▶ **EXERCISE OBJECTIVE**
Find every line below with the word "SUBTRACT" in it, and copy each one.

▶ **EXCERPTED RECORDS**
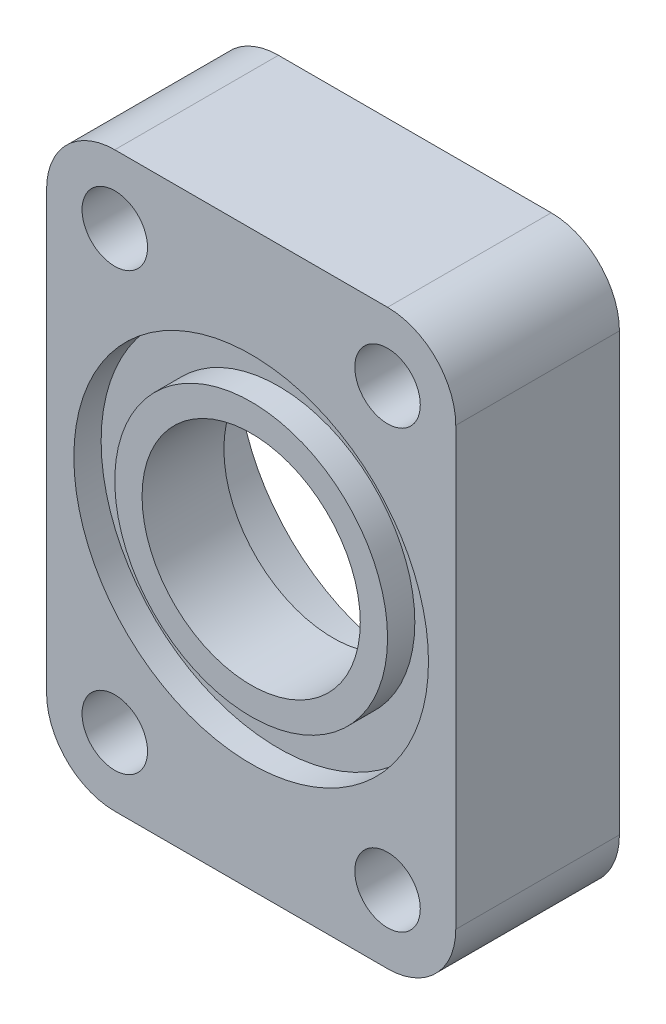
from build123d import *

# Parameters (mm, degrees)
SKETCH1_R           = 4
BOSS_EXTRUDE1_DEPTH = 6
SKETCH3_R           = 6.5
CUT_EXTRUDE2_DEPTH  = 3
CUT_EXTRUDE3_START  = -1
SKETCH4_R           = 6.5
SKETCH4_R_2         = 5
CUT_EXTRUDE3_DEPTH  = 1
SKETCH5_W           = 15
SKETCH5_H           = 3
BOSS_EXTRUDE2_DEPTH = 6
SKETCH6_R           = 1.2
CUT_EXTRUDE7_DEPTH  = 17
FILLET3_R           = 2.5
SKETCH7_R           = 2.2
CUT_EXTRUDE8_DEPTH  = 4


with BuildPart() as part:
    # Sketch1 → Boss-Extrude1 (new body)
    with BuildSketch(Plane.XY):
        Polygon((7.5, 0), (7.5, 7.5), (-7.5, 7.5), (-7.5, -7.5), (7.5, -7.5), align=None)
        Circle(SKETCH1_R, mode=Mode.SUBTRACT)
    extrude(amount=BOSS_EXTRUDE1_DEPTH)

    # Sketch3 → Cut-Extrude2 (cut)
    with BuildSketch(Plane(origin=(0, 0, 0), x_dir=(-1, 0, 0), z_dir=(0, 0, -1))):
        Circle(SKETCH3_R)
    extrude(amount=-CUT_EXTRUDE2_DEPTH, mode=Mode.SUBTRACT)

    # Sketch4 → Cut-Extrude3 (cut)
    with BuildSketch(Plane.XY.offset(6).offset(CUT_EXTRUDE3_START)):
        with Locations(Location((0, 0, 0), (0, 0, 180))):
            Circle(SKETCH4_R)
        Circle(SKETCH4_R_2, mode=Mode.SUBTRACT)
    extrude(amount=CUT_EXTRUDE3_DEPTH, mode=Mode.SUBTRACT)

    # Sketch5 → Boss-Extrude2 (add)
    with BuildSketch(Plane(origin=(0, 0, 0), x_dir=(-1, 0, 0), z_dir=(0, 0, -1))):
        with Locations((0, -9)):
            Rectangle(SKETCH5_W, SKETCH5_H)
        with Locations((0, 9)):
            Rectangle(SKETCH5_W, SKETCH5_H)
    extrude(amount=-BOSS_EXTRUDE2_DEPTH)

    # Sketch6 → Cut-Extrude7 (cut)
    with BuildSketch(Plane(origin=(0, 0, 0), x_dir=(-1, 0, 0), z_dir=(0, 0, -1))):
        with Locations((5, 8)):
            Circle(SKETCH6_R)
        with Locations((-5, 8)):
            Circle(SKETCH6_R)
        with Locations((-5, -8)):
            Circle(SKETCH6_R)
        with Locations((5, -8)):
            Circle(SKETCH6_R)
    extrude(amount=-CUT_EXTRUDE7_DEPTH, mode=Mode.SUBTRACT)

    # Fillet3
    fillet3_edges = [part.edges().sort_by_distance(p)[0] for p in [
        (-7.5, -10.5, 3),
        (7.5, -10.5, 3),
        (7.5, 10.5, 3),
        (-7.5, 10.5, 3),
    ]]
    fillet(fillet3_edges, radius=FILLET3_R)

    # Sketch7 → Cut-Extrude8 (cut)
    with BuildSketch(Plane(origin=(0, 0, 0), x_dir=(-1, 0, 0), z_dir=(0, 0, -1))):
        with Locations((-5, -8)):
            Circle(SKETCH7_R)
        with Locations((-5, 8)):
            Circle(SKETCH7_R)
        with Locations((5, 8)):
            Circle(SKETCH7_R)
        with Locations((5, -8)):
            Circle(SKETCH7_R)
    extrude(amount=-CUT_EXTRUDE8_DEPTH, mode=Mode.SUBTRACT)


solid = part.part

▶ **OUTPUT FOR THIS TASK**
        Circle(SKETCH1_R, mode=Mode.SUBTRACT)
    extrude(amount=-CUT_EXTRUDE2_DEPTH, mode=Mode.SUBTRACT)
        Circle(SKETCH4_R_2, mode=Mode.SUBTRACT)
    extrude(amount=CUT_EXTRUDE3_DEPTH, mode=Mode.SUBTRACT)
    extrude(amount=-CUT_EXTRUDE7_DEPTH, mode=Mode.SUBTRACT)
    extrude(amount=-CUT_EXTRUDE8_DEPTH, mode=Mode.SUBTRACT)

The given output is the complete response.